* _EXERCISE DESCRIPTION_
Using the entries that follow, write out the line containing "#114=DIRECTION('',(1.,0.,0.));", the line containing "#125=ORIENTED_EDGE('',*,*,#124,.F.);", and every line between them, exactly and nothing else.
── GIVEN RECORDS
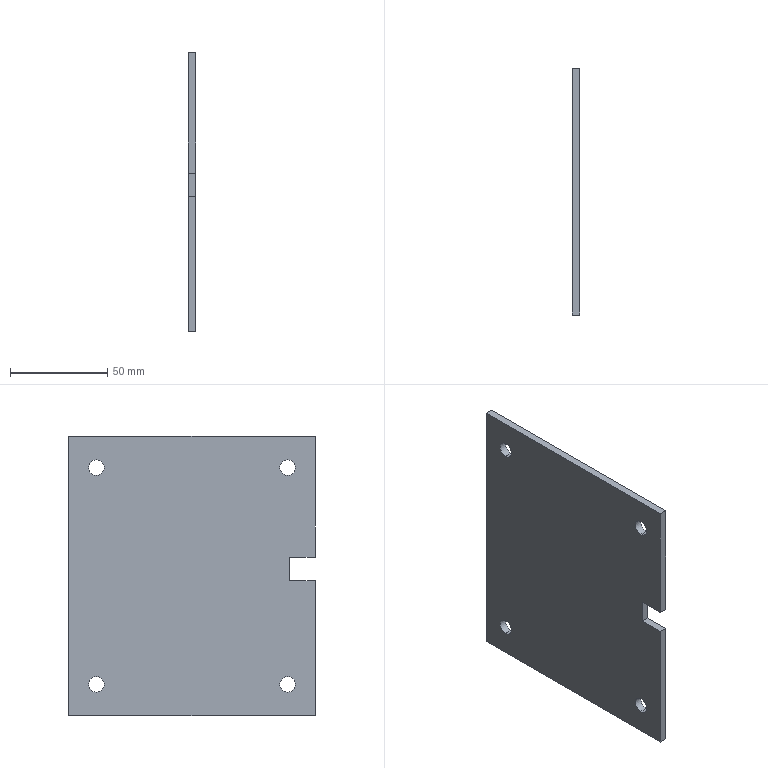Component | SolidWorks | Part1^Assembly2-1 | 1 solid | 18 faces | box 4 x 127 x 144 mm | volume 71714 mm3 | plane 10 | cylinder 8 | commonest cylinder face diameters 8 x8
STEP:
#1=COLOUR_RGB('',0.7922,0.8196,0.9333);
#2=FILL_AREA_STYLE_COLOUR('',#1);
#3=FILL_AREA_STYLE('',(#2));
#4=SURFACE_STYLE_FILL_AREA(#3);
#5=SURFACE_SIDE_STYLE('',(#4));
#6=SURFACE_STYLE_USAGE(.BOTH.,#5);
#7=PRESENTATION_STYLE_ASSIGNMENT((#6));
#8=CARTESIAN_POINT('',(5.984,11.308,-14.024));
#9=VERTEX_POINT('',#8);
#10=CARTESIAN_POINT('',(5.984,11.308,-14.339));
#11=VERTEX_POINT('',#10);
#12=CARTESIAN_POINT('',(5.984,11.308,-14.182));
#13=DIRECTION('',(1.,0.,0.));
#14=DIRECTION('',(0.,0.,-1.));
#15=AXIS2_PLACEMENT_3D('',#12,#13,#14);
#16=CIRCLE('',#15,0.1575);
#17=EDGE_CURVE('',#9,#11,#16,.T.);
#18=ORIENTED_EDGE('',*,*,#17,.T.);
#19=CARTESIAN_POINT('',(5.827,11.308,-14.339));
#20=VERTEX_POINT('',#19);
#21=CARTESIAN_POINT('',(5.984,11.308,-14.339));
#22=DIRECTION('',(-1.,0.,0.));
#23=VECTOR('',#22,39.37);
#24=LINE('',#21,#23);
#25=EDGE_CURVE('',#11,#20,#24,.T.);
#26=ORIENTED_EDGE('',*,*,#25,.T.);
#27=CARTESIAN_POINT('',(5.827,11.308,-14.024));
#28=VERTEX_POINT('',#27);
#29=CARTESIAN_POINT('',(5.827,11.308,-14.182));
#30=DIRECTION('',(1.,0.,0.));
#31=DIRECTION('',(0.,0.,-1.));
#32=AXIS2_PLACEMENT_3D('',#29,#30,#31);
#33=CIRCLE('',#32,0.1575);
#34=EDGE_CURVE('',#28,#20,#33,.T.);
#35=ORIENTED_EDGE('',*,*,#34,.F.);
#36=CARTESIAN_POINT('',(5.984,11.308,-14.024));
#37=DIRECTION('',(-1.,0.,0.));
#38=VECTOR('',#37,39.37);
#39=LINE('',#36,#38);
#40=EDGE_CURVE('',#9,#28,#39,.T.);
#41=ORIENTED_EDGE('',*,*,#40,.F.);
#42=EDGE_LOOP('',(#18,#26,#35,#41));
#43=FACE_OUTER_BOUND('',#42,.T.);
#44=CARTESIAN_POINT('',(5.984,11.308,-14.182));
#45=DIRECTION('',(-1.,0.,0.));
#46=DIRECTION('',(0.,0.,1.));
#47=AXIS2_PLACEMENT_3D('',#44,#45,#46);
#48=CYLINDRICAL_SURFACE('',#47,0.1575);
#49=ADVANCED_FACE('',(#43),#48,.F.);
#50=CARTESIAN_POINT('',(5.984,11.308,-18.424));
#51=VERTEX_POINT('',#50);
#52=CARTESIAN_POINT('',(5.984,11.308,-18.739));
#53=VERTEX_POINT('',#52);
#54=CARTESIAN_POINT('',(5.984,11.308,-18.581));
#55=DIRECTION('',(1.,0.,0.));
#56=DIRECTION('',(0.,0.,-1.));
#57=AXIS2_PLACEMENT_3D('',#54,#55,#56);
#58=CIRCLE('',#57,0.1575);
#59=EDGE_CURVE('',#51,#53,#58,.T.);
#60=ORIENTED_EDGE('',*,*,#59,.T.);
#61=CARTESIAN_POINT('',(5.827,11.308,-18.739));
#62=VERTEX_POINT('',#61);
#63=CARTESIAN_POINT('',(5.984,11.308,-18.739));
#64=DIRECTION('',(-1.,0.,0.));
#65=VECTOR('',#64,39.37);
#66=LINE('',#63,#65);
#67=EDGE_CURVE('',#53,#62,#66,.T.);
#68=ORIENTED_EDGE('',*,*,#67,.T.);
#69=CARTESIAN_POINT('',(5.827,11.308,-18.424));
#70=VERTEX_POINT('',#69);
#71=CARTESIAN_POINT('',(5.827,11.308,-18.581));
#72=DIRECTION('',(1.,0.,0.));
#73=DIRECTION('',(0.,0.,-1.));
#74=AXIS2_PLACEMENT_3D('',#71,#72,#73);
#75=CIRCLE('',#74,0.1575);
#76=EDGE_CURVE('',#70,#62,#75,.T.);
#77=ORIENTED_EDGE('',*,*,#76,.F.);
#78=CARTESIAN_POINT('',(5.984,11.308,-18.424));
#79=DIRECTION('',(-1.,0.,0.));
#80=VECTOR('',#79,39.37);
#81=LINE('',#78,#80);
#82=EDGE_CURVE('',#51,#70,#81,.T.);
#83=ORIENTED_EDGE('',*,*,#82,.F.);
#84=EDGE_LOOP('',(#60,#68,#77,#83));
#85=FACE_OUTER_BOUND('',#84,.T.);
#86=CARTESIAN_POINT('',(5.984,11.308,-18.581));
#87=DIRECTION('',(-1.,0.,0.));
#88=DIRECTION('',(0.,0.,1.));
#89=AXIS2_PLACEMENT_3D('',#86,#87,#88);
#90=CYLINDRICAL_SURFACE('',#89,0.1575);
#91=ADVANCED_FACE('',(#85),#90,.F.);
#92=CARTESIAN_POINT('',(5.984,15.188,-18.424));
#93=VERTEX_POINT('',#92);
#94=CARTESIAN_POINT('',(5.984,15.188,-18.739));
#95=VERTEX_POINT('',#94);
#96=CARTESIAN_POINT('',(5.984,15.188,-18.581));
#97=DIRECTION('',(1.,0.,0.));
#98=DIRECTION('',(0.,0.,-1.));
#99=AXIS2_PLACEMENT_3D('',#96,#97,#98);
#100=CIRCLE('',#99,0.1575);
#101=EDGE_CURVE('',#93,#95,#100,.T.);
#102=ORIENTED_EDGE('',*,*,#101,.T.);
#103=CARTESIAN_POINT('',(5.827,15.188,-18.739));
#104=VERTEX_POINT('',#103);
#105=CARTESIAN_POINT('',(5.984,15.188,-18.739));
#106=DIRECTION('',(-1.,0.,0.));
#107=VECTOR('',#106,39.37);
#108=LINE('',#105,#107);
#109=EDGE_CURVE('',#95,#104,#108,.T.);
#110=ORIENTED_EDGE('',*,*,#109,.T.);
#111=CARTESIAN_POINT('',(5.827,15.188,-18.424));
#112=VERTEX_POINT('',#111);
#113=CARTESIAN_POINT('',(5.827,15.188,-18.581));
#114=DIRECTION('',(1.,0.,0.));
#115=DIRECTION('',(0.,0.,-1.));
#116=AXIS2_PLACEMENT_3D('',#113,#114,#115);
#117=CIRCLE('',#116,0.1575);
#118=EDGE_CURVE('',#112,#104,#117,.T.);
#119=ORIENTED_EDGE('',*,*,#118,.F.);
#120=CARTESIAN_POINT('',(5.984,15.188,-18.424));
#121=DIRECTION('',(-1.,0.,0.));
#122=VECTOR('',#121,39.37);
#123=LINE('',#120,#122);
#124=EDGE_CURVE('',#93,#112,#123,.T.);
#125=ORIENTED_EDGE('',*,*,#124,.F.);
#126=EDGE_LOOP('',(#102,#110,#119,#125));
#127=FACE_OUTER_BOUND('',#126,.T.);
#128=CARTESIAN_POINT('',(5.984,15.188,-18.581));
#129=DIRECTION('',(-1.,0.,0.));
#130=DIRECTION('',(0.,0.,1.));
#131=AXIS2_PLACEMENT_3D('',#128,#129,#130);
#132=CYLINDRICAL_SURFACE('',#131,0.1575);
#133=ADVANCED_FACE('',(#127),#132,.F.);
#134=CARTESIAN_POINT('',(5.984,15.188,-14.024));
#135=VERTEX_POINT('',#134);
#136=CARTESIAN_POINT('',(5.984,15.188,-14.339));
#137=VERTEX_POINT('',#136);
#138=CARTESIAN_POINT('',(5.984,15.188,-14.182));
#139=DIRECTION('',(1.,0.,0.));
#140=DIRECTION('',(0.,0.,-1.));
#141=AXIS2_PLACEMENT_3D('',#138,#139,#140);
#142=CIRCLE('',#141,0.1575);
#143=EDGE_CURVE('',#135,#137,#142,.T.);
#144=ORIENTED_EDGE('',*,*,#143,.T.);
#145=CARTESIAN_POINT('',(5.827,15.188,-14.339));
#146=VERTEX_POINT('',#145);
#147=CARTESIAN_POINT('',(5.984,15.188,-14.339));
#148=DIRECTION('',(-1.,0.,0.));
#149=VECTOR('',#148,39.37);
#150=LINE('',#147,#149);
#151=EDGE_CURVE('',#137,#146,#150,.T.);
#152=ORIENTED_EDGE('',*,*,#151,.T.);
#153=CARTESIAN_POINT('',(5.827,15.188,-14.024));
#154=VERTEX_POINT('',#153);
#155=CARTESIAN_POINT('',(5.827,15.188,-14.182));
#156=DIRECTION('',(1.,0.,0.));
#157=DIRECTION('',(0.,0.,-1.));
#158=AXIS2_PLACEMENT_3D('',#155,#156,#157);
#159=CIRCLE('',#158,0.1575);
#160=EDGE_CURVE('',#154,#146,#159,.T.);
#161=ORIENTED_EDGE('',*,*,#160,.F.);
#162=CARTESIAN_POINT('',(5.984,15.188,-14.024));
#163=DIRECTION('',(-1.,0.,0.));
#164=VECTOR('',#163,39.37);
#165=LINE('',#162,#164);
#166=EDGE_CURVE('',#135,#154,#165,.T.);
#167=ORIENTED_EDGE('',*,*,#166,.F.);
#168=EDGE_LOOP('',(#144,#152,#161,#167));
#169=FACE_OUTER_BOUND('',#168,.T.);
#170=CARTESIAN_POINT('',(5.984,15.188,-14.182));
#171=DIRECTION('',(-1.,0.,0.));
#172=DIRECTION('',(0.,0.,1.));
#173=AXIS2_PLACEMENT_3D('',#170,#171,#172);
#174=CYLINDRICAL_SURFACE('',#173,0.1575);
#175=ADVANCED_FACE('',(#169),#174,.F.);
#176=ORIENTED_EDGE('',*,*,#17,.F.);
#177=CARTESIAN_POINT('',(5.984,11.308,-14.182));
#178=DIRECTION('',(1.,0.,0.));
#179=DIRECTION('',(0.,0.,-1.));
#180=AXIS2_PLACEMENT_3D('',#177,#178,#179);
#181=CIRCLE('',#180,0.1575);
#182=EDGE_CURVE('',#11,#9,#181,.T.);
#183=ORIENTED_EDGE('',*,*,#182,.F.);
#184=EDGE_LOOP('',(#176,#183));
#185=FACE_BOUND('',#184,.T.);
#186=ORIENTED_EDGE('',*,*,#59,.F.);
#187=CARTESIAN_POINT('',(5.984,11.308,-18.581));
#188=DIRECTION('',(1.,0.,0.));
#189=DIRECTION('',(0.,0.,-1.));
#190=AXIS2_PLACEMENT_3D('',#187,#188,#189);
#191=CIRCLE('',#190,0.1575);
#192=EDGE_CURVE('',#53,#51,#191,.T.);
#193=ORIENTED_EDGE('',*,*,#192,.F.);
#194=EDGE_LOOP('',(#186,#193));
#195=FACE_BOUND('',#194,.T.);
#196=ORIENTED_EDGE('',*,*,#101,.F.);
#197=CARTESIAN_POINT('',(5.984,15.188,-18.581));
#198=DIRECTION('',(1.,0.,0.));
#199=DIRECTION('',(0.,0.,-1.));
#200=AXIS2_PLACEMENT_3D('',#197,#198,#199);
#201=CIRCLE('',#200,0.1575);
#202=EDGE_CURVE('',#95,#93,#201,.T.);
#203=ORIENTED_EDGE('',*,*,#202,.F.);
#204=EDGE_LOOP('',(#196,#203));
#205=FACE_BOUND('',#204,.T.);
#206=ORIENTED_EDGE('',*,*,#143,.F.);
#207=CARTESIAN_POINT('',(5.984,15.188,-14.182));
#208=DIRECTION('',(1.,0.,0.));
#209=DIRECTION('',(0.,0.,-1.));
#210=AXIS2_PLACEMENT_3D('',#207,#208,#209);
#211=CIRCLE('',#210,0.1575);
#212=EDGE_CURVE('',#137,#135,#211,.T.);
#213=ORIENTED_EDGE('',*,*,#212,.F.);
#214=EDGE_LOOP('',(#206,#213));
#215=FACE_BOUND('',#214,.T.);
#216=CARTESIAN_POINT('',(5.984,11.269,-16.001));
#217=VERTEX_POINT('',#216);
#218=CARTESIAN_POINT('',(5.984,10.748,-16.001));
#219=VERTEX_POINT('',#218);
#220=CARTESIAN_POINT('',(5.984,10.433,-16.001));
#221=DIRECTION('',(0.,-1.,0.));
#222=VECTOR('',#221,39.37);
#223=LINE('',#220,#222);
#224=EDGE_CURVE('',#217,#219,#223,.T.);
#225=ORIENTED_EDGE('',*,*,#224,.F.);
#226=CARTESIAN_POINT('',(5.984,11.269,-16.474));
#227=VERTEX_POINT('',#226);
#228=CARTESIAN_POINT('',(5.984,11.269,-16.001));
#229=DIRECTION('',(0.,0.,1.));
#230=VECTOR('',#229,39.37);
#231=LINE('',#228,#230);
#232=EDGE_CURVE('',#227,#217,#231,.T.);
#233=ORIENTED_EDGE('',*,*,#232,.F.);
#234=CARTESIAN_POINT('',(5.984,10.748,-16.474));
#235=VERTEX_POINT('',#234);
#236=CARTESIAN_POINT('',(5.984,10.433,-16.474));
#237=DIRECTION('',(0.,1.,0.));
#238=VECTOR('',#237,39.37);
#239=LINE('',#236,#238);
#240=EDGE_CURVE('',#235,#227,#239,.T.);
#241=ORIENTED_EDGE('',*,*,#240,.F.);
#242=CARTESIAN_POINT('',(5.984,10.748,-19.216));
#243=VERTEX_POINT('',#242);
#244=CARTESIAN_POINT('',(5.984,10.748,-19.216));
#245=DIRECTION('',(0.,0.,-1.));
#246=VECTOR('',#245,39.37);
#247=LINE('',#244,#246);
#248=EDGE_CURVE('',#235,#243,#247,.T.);
#249=ORIENTED_EDGE('',*,*,#248,.T.);
#250=CARTESIAN_POINT('',(5.984,15.748,-19.216));
#251=VERTEX_POINT('',#250);
#252=CARTESIAN_POINT('',(5.984,15.748,-19.216));
#253=DIRECTION('',(0.,1.,0.));
#254=VECTOR('',#253,39.37);
#255=LINE('',#252,#254);
#256=EDGE_CURVE('',#243,#251,#255,.T.);
#257=ORIENTED_EDGE('',*,*,#256,.T.);
#258=CARTESIAN_POINT('',(5.984,15.748,-13.547));
#259=VERTEX_POINT('',#258);
#260=CARTESIAN_POINT('',(5.984,15.748,-19.216));
#261=DIRECTION('',(0.,0.,1.));
#262=VECTOR('',#261,39.37);
#263=LINE('',#260,#262);
#264=EDGE_CURVE('',#251,#259,#263,.T.);
#265=ORIENTED_EDGE('',*,*,#264,.T.);
#266=CARTESIAN_POINT('',(5.984,10.748,-13.547));
#267=VERTEX_POINT('',#266);
#268=CARTESIAN_POINT('',(5.984,15.748,-13.547));
#269=DIRECTION('',(0.,-1.,0.));
#270=VECTOR('',#269,39.37);
#271=LINE('',#268,#270);
#272=EDGE_CURVE('',#259,#267,#271,.T.);
#273=ORIENTED_EDGE('',*,*,#272,.T.);
#274=CARTESIAN_POINT('',(5.984,10.748,-19.216));
#275=DIRECTION('',(0.,0.,-1.));
#276=VECTOR('',#275,39.37);
#277=LINE('',#274,#276);
#278=EDGE_CURVE('',#267,#219,#277,.T.);
#279=ORIENTED_EDGE('',*,*,#278,.T.);
#280=EDGE_LOOP('',(#225,#233,#241,#249,#257,#265,#273,#279));
#281=FACE_OUTER_BOUND('',#280,.T.);
#282=CARTESIAN_POINT('',(5.984,2.585,-8.629));
#283=DIRECTION('',(-1.,0.,0.));
#284=DIRECTION('',(0.,0.,1.));
#285=AXIS2_PLACEMENT_3D('',#282,#283,#284);
#286=PLANE('',#285);
#287=ADVANCED_FACE('',(#185,#195,#205,#215,#281),#286,.F.);
#288=ORIENTED_EDGE('',*,*,#76,.T.);
#289=CARTESIAN_POINT('',(5.827,11.308,-18.581));
#290=DIRECTION('',(1.,0.,0.));
#291=DIRECTION('',(0.,0.,-1.));
#292=AXIS2_PLACEMENT_3D('',#289,#290,#291);
#293=CIRCLE('',#292,0.1575);
#294=EDGE_CURVE('',#62,#70,#293,.T.);
#295=ORIENTED_EDGE('',*,*,#294,.T.);
#296=EDGE_LOOP('',(#288,#295));
#297=FACE_BOUND('',#296,.T.);
#298=ORIENTED_EDGE('',*,*,#160,.T.);
#299=CARTESIAN_POINT('',(5.827,15.188,-14.182));
#300=DIRECTION('',(1.,0.,0.));
#301=DIRECTION('',(0.,0.,-1.));
#302=AXIS2_PLACEMENT_3D('',#299,#300,#301);
#303=CIRCLE('',#302,0.1575);
#304=EDGE_CURVE('',#146,#154,#303,.T.);
#305=ORIENTED_EDGE('',*,*,#304,.T.);
#306=EDGE_LOOP('',(#298,#305));
#307=FACE_BOUND('',#306,.T.);
#308=ORIENTED_EDGE('',*,*,#118,.T.);
#309=CARTESIAN_POINT('',(5.827,15.188,-18.581));
#310=DIRECTION('',(1.,0.,0.));
#311=DIRECTION('',(0.,0.,-1.));
#312=AXIS2_PLACEMENT_3D('',#309,#310,#311);
#313=CIRCLE('',#312,0.1575);
#314=EDGE_CURVE('',#104,#112,#313,.T.);
#315=ORIENTED_EDGE('',*,*,#314,.T.);
#316=EDGE_LOOP('',(#308,#315));
#317=FACE_BOUND('',#316,.T.);
#318=ORIENTED_EDGE('',*,*,#34,.T.);
#319=CARTESIAN_POINT('',(5.827,11.308,-14.182));
#320=DIRECTION('',(1.,0.,0.));
#321=DIRECTION('',(0.,0.,-1.));
#322=AXIS2_PLACEMENT_3D('',#319,#320,#321);
#323=CIRCLE('',#322,0.1575);
#324=EDGE_CURVE('',#20,#28,#323,.T.);
#325=ORIENTED_EDGE('',*,*,#324,.T.);
#326=EDGE_LOOP('',(#318,#325));
#327=FACE_BOUND('',#326,.T.);
#328=CARTESIAN_POINT('',(5.827,11.269,-16.474));
#329=VERTEX_POINT('',#328);
#330=CARTESIAN_POINT('',(5.827,11.269,-16.001));
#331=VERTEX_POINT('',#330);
────
* _EXERCISE RESPONSE_
#114=DIRECTION('',(1.,0.,0.));
#115=DIRECTION('',(0.,0.,-1.));
#116=AXIS2_PLACEMENT_3D('',#113,#114,#115);
#117=CIRCLE('',#116,0.1575);
#118=EDGE_CURVE('',#112,#104,#117,.T.);
#119=ORIENTED_EDGE('',*,*,#118,.F.);
#120=CARTESIAN_POINT('',(5.984,15.188,-18.424));
#121=DIRECTION('',(-1.,0.,0.));
#122=VECTOR('',#121,39.37);
#123=LINE('',#120,#122);
#124=EDGE_CURVE('',#93,#112,#123,.T.);
#125=ORIENTED_EDGE('',*,*,#124,.F.);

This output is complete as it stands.